DATA SUPPLIED:

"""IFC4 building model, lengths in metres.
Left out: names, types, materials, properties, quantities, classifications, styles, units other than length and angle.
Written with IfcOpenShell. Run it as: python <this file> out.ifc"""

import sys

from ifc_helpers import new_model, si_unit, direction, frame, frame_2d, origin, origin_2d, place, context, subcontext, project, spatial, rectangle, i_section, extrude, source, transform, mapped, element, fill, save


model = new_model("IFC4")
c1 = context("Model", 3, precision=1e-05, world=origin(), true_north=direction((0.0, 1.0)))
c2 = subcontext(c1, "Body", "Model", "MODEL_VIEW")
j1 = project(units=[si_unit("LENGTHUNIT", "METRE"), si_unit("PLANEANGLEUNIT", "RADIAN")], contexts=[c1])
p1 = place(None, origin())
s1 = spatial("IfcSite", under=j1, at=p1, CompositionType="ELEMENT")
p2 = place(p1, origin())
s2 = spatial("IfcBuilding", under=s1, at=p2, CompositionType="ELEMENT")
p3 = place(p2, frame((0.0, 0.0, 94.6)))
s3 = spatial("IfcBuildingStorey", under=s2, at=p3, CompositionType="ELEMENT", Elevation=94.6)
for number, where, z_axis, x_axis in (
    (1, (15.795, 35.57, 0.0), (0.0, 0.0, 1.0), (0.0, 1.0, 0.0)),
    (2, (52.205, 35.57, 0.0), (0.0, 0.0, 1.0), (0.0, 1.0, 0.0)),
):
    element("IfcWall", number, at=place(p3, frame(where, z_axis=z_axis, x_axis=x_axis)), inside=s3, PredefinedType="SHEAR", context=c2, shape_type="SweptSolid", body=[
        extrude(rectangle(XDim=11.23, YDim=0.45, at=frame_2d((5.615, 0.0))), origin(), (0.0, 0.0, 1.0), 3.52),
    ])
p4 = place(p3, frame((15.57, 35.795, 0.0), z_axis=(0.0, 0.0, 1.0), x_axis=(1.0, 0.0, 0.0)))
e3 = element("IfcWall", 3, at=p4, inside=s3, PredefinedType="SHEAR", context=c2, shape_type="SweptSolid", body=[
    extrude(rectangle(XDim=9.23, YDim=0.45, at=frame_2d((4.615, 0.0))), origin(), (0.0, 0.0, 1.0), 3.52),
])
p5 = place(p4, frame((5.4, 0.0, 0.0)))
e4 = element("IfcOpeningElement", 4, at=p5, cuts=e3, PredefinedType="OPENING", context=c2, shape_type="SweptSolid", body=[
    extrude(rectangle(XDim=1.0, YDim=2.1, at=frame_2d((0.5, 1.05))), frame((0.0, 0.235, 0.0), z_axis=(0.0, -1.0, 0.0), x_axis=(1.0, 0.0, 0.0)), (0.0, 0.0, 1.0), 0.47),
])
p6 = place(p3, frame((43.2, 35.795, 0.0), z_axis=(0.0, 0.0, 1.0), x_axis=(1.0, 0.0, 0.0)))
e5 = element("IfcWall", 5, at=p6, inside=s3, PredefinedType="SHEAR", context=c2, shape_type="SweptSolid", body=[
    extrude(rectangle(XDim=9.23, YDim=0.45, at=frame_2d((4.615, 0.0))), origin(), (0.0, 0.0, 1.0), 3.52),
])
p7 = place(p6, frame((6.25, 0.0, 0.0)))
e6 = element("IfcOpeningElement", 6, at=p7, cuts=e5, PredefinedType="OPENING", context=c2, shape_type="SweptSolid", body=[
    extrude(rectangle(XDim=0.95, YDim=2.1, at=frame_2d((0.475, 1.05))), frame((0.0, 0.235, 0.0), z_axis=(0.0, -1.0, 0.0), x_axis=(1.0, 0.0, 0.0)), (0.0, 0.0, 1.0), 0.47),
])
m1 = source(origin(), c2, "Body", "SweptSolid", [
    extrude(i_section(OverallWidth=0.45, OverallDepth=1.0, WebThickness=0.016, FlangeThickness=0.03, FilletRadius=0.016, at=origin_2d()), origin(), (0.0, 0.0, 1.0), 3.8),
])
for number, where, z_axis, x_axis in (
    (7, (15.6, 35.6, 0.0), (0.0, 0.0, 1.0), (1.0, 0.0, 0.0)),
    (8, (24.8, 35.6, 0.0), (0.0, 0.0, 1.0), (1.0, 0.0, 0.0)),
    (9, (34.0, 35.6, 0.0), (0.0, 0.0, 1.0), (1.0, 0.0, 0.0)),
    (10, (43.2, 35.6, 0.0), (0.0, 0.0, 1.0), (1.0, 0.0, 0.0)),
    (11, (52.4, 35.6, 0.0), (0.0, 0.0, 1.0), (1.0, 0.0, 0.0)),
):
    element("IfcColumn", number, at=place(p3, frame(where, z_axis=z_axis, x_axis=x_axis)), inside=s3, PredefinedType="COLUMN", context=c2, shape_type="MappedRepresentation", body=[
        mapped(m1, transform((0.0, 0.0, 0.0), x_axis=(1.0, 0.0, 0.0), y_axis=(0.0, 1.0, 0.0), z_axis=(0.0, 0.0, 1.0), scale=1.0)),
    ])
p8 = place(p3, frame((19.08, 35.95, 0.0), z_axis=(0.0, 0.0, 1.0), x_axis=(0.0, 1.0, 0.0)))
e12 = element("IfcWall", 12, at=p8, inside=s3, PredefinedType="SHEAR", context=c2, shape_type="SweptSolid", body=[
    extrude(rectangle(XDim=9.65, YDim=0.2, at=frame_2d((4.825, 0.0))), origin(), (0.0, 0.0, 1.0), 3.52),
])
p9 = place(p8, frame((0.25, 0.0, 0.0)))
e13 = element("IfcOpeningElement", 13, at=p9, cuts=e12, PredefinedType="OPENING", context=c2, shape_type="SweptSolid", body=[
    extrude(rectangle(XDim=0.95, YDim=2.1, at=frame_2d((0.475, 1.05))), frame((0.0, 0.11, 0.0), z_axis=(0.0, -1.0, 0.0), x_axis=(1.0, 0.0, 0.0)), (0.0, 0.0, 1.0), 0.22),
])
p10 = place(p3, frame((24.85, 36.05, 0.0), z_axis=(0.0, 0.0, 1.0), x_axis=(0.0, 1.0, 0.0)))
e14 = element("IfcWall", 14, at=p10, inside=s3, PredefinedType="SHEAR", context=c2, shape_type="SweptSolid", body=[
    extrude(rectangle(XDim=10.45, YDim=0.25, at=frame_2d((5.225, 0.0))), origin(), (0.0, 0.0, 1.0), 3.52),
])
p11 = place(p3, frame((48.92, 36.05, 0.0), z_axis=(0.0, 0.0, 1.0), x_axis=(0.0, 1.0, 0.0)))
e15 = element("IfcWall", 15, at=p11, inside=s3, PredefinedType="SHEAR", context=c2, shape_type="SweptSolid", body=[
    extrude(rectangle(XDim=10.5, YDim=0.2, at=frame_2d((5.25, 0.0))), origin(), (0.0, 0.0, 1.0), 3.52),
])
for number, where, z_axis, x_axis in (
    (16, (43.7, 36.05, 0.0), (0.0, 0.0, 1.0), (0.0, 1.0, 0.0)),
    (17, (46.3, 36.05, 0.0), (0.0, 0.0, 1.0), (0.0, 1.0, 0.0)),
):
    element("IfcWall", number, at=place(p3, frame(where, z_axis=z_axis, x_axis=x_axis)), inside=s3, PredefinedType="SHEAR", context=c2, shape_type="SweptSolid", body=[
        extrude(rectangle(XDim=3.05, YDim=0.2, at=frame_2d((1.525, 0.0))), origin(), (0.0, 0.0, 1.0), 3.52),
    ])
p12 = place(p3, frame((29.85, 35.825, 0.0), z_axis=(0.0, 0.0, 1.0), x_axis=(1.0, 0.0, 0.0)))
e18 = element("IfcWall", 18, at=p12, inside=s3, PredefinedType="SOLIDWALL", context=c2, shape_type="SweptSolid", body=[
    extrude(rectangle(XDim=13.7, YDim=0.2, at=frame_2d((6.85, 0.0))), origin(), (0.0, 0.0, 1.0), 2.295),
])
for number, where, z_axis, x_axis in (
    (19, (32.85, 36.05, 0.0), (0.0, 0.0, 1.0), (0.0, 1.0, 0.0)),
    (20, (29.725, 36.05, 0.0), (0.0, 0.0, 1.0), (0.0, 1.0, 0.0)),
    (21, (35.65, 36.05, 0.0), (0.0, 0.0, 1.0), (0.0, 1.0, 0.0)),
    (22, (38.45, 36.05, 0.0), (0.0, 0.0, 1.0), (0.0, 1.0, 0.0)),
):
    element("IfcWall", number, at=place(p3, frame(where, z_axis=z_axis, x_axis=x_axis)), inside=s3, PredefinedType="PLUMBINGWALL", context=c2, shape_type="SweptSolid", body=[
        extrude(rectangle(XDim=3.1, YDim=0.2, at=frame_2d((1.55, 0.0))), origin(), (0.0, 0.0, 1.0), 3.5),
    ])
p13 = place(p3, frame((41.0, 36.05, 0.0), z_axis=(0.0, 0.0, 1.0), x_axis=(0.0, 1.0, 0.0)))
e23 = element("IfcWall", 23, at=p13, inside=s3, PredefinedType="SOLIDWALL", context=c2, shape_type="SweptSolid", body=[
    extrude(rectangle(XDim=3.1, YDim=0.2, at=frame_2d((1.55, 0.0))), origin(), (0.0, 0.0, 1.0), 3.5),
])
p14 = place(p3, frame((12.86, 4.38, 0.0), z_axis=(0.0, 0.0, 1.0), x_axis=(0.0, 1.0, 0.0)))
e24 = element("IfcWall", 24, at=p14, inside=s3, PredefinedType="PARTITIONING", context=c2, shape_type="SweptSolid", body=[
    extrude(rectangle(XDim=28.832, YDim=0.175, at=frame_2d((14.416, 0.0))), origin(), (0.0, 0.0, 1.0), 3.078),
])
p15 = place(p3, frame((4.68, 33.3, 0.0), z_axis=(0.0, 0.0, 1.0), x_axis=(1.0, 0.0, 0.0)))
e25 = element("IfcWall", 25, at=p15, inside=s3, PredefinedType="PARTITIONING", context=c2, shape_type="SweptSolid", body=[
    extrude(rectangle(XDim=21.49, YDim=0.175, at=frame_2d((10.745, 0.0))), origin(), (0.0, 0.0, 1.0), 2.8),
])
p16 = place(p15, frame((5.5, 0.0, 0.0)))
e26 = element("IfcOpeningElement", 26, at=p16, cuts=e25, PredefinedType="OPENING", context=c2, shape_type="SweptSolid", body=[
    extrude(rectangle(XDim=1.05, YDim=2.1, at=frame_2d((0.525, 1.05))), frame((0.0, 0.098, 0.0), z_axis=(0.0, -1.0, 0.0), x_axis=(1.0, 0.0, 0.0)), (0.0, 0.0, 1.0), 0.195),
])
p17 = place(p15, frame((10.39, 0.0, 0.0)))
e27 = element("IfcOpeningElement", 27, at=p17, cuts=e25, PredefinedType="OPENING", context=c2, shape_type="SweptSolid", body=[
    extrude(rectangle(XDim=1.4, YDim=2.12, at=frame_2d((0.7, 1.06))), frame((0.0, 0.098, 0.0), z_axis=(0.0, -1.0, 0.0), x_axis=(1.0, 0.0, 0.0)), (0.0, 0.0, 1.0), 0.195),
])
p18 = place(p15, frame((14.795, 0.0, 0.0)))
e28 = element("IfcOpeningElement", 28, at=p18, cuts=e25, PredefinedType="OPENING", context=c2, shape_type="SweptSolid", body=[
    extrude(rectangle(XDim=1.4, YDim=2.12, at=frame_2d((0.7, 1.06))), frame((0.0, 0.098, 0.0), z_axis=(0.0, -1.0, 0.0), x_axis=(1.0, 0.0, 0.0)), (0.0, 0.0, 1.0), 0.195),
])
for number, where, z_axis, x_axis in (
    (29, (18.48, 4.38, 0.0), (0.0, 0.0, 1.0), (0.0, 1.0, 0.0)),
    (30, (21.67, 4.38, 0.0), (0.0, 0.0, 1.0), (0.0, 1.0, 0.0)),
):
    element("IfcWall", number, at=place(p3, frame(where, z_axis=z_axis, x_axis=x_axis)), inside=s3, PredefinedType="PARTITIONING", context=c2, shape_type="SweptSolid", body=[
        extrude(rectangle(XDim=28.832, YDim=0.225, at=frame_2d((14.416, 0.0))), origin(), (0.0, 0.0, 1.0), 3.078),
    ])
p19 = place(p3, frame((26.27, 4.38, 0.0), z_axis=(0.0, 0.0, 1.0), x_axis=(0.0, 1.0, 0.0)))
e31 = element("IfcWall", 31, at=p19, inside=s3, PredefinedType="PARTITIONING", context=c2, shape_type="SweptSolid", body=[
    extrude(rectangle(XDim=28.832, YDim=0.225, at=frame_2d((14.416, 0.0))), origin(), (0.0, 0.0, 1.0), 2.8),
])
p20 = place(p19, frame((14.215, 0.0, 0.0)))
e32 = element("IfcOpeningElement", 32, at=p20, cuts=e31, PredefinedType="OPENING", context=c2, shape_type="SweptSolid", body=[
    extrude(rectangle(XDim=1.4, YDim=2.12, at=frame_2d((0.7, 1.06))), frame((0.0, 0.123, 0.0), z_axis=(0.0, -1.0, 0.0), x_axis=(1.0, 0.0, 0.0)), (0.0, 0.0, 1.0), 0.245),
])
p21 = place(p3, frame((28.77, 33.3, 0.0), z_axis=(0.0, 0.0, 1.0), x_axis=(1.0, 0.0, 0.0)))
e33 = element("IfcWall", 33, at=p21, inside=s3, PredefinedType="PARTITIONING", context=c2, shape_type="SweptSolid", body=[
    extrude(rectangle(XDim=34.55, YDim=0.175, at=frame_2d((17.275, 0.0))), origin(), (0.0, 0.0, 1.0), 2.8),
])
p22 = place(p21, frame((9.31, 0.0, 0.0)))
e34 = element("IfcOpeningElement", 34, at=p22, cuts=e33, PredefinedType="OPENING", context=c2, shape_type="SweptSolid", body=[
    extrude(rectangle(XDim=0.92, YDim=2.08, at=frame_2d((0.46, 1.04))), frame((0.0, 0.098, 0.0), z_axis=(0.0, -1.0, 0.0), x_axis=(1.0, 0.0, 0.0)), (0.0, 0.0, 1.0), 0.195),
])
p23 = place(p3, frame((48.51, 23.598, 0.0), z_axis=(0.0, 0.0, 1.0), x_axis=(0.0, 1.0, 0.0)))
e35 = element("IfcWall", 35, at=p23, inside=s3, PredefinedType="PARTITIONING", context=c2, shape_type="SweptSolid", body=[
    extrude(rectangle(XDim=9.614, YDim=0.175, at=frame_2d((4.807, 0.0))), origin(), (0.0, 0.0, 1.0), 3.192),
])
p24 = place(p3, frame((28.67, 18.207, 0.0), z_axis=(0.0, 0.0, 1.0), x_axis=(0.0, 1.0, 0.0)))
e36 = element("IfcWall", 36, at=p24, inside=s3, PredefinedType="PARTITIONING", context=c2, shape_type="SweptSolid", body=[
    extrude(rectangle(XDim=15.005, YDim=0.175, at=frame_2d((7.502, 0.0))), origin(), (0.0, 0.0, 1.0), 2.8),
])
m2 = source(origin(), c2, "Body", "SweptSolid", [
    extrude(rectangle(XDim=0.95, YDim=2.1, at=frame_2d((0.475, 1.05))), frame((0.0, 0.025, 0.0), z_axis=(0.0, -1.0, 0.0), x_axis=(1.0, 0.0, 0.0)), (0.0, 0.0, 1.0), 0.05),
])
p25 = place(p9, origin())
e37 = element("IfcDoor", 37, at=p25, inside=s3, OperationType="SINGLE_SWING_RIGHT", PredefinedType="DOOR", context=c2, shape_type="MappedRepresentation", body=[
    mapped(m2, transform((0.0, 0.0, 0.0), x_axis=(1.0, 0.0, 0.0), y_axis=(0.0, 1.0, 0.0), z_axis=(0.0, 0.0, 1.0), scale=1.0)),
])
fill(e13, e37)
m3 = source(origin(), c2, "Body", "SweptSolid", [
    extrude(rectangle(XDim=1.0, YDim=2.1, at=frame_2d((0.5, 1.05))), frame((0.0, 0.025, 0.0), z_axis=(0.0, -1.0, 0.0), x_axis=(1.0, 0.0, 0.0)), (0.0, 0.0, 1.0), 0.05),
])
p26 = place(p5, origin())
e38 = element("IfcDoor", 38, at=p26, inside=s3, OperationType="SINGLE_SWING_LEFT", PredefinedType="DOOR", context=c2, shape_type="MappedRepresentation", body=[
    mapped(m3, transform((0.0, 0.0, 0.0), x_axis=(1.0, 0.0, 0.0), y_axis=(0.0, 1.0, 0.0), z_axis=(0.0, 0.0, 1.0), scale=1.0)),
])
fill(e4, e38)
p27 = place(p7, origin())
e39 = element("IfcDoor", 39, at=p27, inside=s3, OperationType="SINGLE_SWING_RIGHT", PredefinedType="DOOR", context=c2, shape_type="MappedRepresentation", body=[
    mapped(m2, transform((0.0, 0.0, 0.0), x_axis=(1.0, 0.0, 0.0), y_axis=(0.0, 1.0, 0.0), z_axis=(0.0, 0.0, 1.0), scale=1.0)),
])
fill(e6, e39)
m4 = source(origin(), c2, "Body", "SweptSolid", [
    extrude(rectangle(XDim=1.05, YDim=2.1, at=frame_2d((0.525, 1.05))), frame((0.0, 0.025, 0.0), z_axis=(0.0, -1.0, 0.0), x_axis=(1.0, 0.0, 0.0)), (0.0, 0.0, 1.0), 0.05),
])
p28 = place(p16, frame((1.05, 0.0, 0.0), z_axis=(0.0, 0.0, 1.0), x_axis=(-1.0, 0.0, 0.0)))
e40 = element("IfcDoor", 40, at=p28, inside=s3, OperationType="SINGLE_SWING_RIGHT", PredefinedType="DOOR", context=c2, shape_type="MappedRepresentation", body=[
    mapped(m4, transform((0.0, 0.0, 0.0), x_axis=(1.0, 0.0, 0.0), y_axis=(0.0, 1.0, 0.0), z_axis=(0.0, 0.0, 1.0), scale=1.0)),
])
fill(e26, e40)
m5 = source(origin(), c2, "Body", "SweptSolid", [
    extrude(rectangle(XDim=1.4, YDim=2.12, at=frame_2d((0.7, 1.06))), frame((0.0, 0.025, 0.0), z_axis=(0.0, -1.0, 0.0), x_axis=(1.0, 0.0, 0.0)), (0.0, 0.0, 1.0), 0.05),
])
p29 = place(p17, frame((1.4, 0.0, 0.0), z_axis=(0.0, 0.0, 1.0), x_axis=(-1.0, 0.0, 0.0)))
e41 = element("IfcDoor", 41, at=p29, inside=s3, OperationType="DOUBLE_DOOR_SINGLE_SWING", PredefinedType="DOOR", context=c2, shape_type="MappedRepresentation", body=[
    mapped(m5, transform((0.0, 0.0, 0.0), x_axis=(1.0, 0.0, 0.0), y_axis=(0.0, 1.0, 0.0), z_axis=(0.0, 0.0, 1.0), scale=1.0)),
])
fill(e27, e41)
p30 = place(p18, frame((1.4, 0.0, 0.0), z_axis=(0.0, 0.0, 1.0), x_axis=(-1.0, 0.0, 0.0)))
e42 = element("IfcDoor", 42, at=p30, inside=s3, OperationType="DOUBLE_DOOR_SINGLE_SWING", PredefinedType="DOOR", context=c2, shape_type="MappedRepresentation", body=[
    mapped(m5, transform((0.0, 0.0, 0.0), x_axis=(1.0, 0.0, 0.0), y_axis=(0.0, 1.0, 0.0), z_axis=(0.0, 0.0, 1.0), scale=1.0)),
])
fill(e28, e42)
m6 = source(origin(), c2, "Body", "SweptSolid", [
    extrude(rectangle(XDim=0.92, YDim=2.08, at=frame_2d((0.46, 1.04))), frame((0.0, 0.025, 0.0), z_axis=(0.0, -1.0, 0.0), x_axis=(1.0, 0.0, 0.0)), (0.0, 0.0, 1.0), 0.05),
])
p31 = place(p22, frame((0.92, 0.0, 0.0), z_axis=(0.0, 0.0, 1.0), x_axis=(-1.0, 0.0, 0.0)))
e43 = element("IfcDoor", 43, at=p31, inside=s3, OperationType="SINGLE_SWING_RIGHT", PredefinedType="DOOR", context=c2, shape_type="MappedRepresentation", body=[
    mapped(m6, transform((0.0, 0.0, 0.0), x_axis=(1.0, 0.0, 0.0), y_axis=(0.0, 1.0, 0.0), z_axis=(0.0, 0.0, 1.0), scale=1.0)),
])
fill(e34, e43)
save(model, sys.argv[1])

WORK TO COMPLETE: Look over the records. Copy the lines that include the word "source".

OUTPUT OF THE EXERCISE:
from ifc_helpers import new_model, si_unit, direction, frame, frame_2d, origin, origin_2d, place, context, subcontext, project, spatial, rectangle, i_section, extrude, source, transform, mapped, element, fill, save
m1 = source(origin(), c2, "Body", "SweptSolid", [
m2 = source(origin(), c2, "Body", "SweptSolid", [
m3 = source(origin(), c2, "Body", "SweptSolid", [
m4 = source(origin(), c2, "Body", "SweptSolid", [
m5 = source(origin(), c2, "Body", "SweptSolid", [
m6 = source(origin(), c2, "Body", "SweptSolid", [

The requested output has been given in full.